Among the entries that follow, find every line with the word "units" and copy it.

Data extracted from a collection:
************

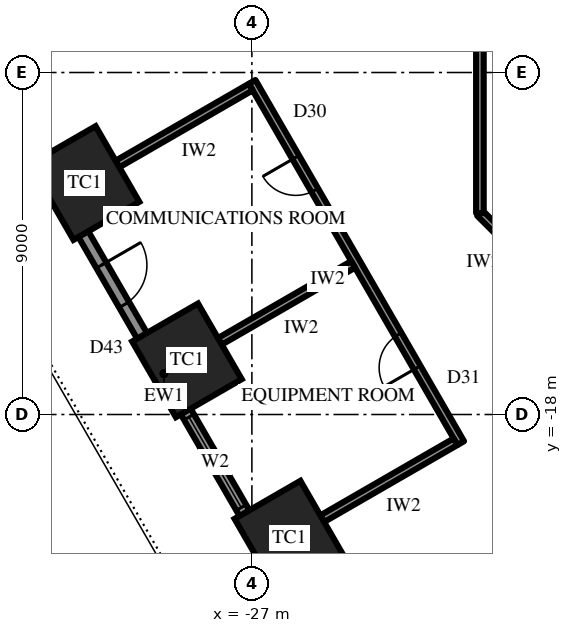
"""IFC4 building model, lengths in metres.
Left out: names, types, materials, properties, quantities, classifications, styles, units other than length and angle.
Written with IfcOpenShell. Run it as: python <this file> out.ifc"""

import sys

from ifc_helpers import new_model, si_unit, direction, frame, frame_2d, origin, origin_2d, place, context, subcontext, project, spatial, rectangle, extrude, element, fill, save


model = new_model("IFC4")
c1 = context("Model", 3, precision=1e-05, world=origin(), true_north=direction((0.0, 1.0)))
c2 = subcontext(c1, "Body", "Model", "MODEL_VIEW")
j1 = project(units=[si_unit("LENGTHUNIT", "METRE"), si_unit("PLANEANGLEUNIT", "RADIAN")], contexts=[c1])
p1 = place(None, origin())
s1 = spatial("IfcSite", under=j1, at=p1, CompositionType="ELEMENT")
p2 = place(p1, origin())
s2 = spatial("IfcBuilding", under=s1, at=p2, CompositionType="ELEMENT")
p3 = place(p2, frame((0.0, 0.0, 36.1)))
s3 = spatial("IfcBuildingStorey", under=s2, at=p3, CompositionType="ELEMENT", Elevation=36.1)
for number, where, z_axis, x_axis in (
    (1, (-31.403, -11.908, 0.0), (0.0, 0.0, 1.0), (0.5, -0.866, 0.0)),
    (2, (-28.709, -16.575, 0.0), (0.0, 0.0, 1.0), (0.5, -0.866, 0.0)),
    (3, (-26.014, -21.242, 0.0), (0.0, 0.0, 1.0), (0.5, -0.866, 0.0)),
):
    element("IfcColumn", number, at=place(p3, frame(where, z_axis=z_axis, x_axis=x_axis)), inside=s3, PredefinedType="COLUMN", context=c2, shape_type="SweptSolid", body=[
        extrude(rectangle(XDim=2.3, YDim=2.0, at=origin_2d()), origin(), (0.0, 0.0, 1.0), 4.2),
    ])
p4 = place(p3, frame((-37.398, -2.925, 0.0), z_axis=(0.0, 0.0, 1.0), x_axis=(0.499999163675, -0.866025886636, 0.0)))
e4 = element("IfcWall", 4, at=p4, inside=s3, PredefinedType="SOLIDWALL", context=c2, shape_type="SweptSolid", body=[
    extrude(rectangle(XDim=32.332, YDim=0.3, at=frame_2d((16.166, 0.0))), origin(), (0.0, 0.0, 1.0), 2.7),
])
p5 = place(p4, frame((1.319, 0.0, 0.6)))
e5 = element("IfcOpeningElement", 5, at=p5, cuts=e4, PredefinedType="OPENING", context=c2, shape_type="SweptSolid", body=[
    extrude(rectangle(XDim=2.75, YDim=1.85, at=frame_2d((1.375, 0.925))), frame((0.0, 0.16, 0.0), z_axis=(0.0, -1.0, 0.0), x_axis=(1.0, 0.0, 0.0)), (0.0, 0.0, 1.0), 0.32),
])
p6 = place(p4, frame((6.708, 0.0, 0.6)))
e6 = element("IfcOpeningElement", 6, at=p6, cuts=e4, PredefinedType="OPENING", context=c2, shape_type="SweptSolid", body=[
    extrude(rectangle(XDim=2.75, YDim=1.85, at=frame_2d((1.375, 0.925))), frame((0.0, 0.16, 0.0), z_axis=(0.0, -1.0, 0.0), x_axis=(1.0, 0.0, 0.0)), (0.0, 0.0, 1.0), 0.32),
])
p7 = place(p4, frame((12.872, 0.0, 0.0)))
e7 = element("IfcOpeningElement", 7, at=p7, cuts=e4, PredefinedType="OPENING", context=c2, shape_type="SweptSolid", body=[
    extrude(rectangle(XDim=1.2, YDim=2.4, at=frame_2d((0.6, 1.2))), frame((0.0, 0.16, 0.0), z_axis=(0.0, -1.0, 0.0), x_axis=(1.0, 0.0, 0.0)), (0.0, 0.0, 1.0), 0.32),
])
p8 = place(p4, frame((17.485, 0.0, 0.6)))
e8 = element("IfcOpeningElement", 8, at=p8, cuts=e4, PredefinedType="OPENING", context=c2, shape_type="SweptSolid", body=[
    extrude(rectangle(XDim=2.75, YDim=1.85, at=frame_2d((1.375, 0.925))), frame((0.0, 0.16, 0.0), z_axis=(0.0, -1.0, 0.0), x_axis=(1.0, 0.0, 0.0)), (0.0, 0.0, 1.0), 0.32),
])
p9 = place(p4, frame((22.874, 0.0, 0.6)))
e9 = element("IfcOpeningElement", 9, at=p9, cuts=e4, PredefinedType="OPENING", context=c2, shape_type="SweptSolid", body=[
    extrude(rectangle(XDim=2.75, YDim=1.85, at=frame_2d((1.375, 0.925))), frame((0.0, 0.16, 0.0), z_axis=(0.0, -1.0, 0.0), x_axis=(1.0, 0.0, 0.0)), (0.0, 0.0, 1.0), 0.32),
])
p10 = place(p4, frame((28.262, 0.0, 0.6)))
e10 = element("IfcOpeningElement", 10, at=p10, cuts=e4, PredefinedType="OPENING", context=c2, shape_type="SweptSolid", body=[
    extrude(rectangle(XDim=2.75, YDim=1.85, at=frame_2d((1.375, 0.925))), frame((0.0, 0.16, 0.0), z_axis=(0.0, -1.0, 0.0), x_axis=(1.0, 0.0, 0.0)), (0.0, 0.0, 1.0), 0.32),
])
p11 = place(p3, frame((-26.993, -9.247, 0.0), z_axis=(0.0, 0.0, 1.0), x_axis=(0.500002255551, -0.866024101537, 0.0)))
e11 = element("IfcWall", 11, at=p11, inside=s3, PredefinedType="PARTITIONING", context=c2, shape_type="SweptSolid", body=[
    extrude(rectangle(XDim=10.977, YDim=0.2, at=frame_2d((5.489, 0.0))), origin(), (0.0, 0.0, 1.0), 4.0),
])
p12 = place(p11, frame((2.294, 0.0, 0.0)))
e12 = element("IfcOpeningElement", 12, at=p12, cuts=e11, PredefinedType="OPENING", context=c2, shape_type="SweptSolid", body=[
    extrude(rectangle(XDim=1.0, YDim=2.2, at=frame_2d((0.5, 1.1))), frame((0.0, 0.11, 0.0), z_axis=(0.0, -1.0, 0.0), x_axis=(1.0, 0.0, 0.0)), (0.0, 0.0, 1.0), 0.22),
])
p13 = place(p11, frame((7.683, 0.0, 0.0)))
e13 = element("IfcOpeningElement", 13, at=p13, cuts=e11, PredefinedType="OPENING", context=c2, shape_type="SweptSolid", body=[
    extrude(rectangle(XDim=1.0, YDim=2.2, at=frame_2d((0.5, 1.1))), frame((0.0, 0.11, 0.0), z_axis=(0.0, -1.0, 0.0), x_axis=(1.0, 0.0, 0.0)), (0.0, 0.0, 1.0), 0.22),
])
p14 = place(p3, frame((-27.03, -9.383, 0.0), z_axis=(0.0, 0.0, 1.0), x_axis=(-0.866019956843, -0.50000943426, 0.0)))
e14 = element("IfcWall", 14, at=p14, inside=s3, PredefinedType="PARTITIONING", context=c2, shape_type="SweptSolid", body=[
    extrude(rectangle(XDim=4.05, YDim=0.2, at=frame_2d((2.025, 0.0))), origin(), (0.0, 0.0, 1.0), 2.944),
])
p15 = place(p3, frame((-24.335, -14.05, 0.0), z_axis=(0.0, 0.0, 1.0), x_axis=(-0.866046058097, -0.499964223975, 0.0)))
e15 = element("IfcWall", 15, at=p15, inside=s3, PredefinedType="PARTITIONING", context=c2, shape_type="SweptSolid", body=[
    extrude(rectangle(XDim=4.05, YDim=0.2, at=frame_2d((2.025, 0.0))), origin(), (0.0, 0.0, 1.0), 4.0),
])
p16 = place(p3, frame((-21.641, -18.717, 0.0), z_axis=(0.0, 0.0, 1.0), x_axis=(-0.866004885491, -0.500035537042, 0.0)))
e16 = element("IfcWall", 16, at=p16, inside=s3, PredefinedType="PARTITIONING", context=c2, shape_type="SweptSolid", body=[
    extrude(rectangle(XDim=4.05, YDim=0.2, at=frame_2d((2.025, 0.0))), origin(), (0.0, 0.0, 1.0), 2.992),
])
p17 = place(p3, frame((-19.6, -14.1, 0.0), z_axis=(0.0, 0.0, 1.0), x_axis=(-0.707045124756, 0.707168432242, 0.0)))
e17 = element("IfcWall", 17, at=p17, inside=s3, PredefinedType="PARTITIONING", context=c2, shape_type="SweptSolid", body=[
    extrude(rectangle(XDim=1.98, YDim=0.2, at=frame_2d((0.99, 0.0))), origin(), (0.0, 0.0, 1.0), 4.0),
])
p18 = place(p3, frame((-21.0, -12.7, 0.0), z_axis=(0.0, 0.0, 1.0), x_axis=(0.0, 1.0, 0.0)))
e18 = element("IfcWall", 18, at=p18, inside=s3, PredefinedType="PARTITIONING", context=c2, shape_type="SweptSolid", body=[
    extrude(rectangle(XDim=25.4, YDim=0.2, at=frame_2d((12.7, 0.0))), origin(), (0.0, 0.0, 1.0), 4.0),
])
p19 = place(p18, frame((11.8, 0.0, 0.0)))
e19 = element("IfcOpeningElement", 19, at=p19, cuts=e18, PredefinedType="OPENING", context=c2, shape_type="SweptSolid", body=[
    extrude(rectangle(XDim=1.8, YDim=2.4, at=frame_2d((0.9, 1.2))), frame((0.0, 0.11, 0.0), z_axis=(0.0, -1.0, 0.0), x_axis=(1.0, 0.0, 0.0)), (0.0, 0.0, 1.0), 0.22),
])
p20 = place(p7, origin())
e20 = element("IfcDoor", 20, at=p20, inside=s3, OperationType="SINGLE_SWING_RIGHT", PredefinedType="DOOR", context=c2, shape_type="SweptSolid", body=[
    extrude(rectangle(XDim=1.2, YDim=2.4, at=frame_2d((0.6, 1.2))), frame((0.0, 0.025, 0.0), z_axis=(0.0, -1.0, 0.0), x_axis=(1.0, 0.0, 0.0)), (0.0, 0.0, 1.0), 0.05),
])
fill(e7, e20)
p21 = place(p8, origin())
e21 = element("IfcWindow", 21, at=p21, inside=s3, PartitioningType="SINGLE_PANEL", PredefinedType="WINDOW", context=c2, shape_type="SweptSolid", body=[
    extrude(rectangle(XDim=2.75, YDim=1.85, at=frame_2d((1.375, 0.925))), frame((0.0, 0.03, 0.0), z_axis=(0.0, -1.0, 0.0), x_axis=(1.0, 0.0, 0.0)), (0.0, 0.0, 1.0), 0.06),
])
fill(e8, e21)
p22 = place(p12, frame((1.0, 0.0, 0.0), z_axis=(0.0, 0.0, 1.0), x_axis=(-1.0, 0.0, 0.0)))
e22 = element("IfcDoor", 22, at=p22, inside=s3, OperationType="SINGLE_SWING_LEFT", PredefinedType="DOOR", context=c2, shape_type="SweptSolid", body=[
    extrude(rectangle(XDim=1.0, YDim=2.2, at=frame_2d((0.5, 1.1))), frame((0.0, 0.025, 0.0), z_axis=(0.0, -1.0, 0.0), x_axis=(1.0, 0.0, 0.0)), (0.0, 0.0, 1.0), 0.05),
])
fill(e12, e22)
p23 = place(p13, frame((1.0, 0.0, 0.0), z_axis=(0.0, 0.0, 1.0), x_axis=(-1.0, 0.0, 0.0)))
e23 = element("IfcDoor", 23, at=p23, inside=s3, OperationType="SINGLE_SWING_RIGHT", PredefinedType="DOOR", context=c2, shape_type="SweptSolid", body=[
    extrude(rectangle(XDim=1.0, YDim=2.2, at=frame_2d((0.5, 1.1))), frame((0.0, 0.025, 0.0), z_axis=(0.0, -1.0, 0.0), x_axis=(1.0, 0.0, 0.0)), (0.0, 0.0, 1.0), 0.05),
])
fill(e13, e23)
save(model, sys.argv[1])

************

Response to this exercise
Left out: names, types, materials, properties, quantities, classifications, styles, units other than length and angle.
j1 = project(units=[si_unit("LENGTHUNIT", "METRE"), si_unit("PLANEANGLEUNIT", "RADIAN")], contexts=[c1])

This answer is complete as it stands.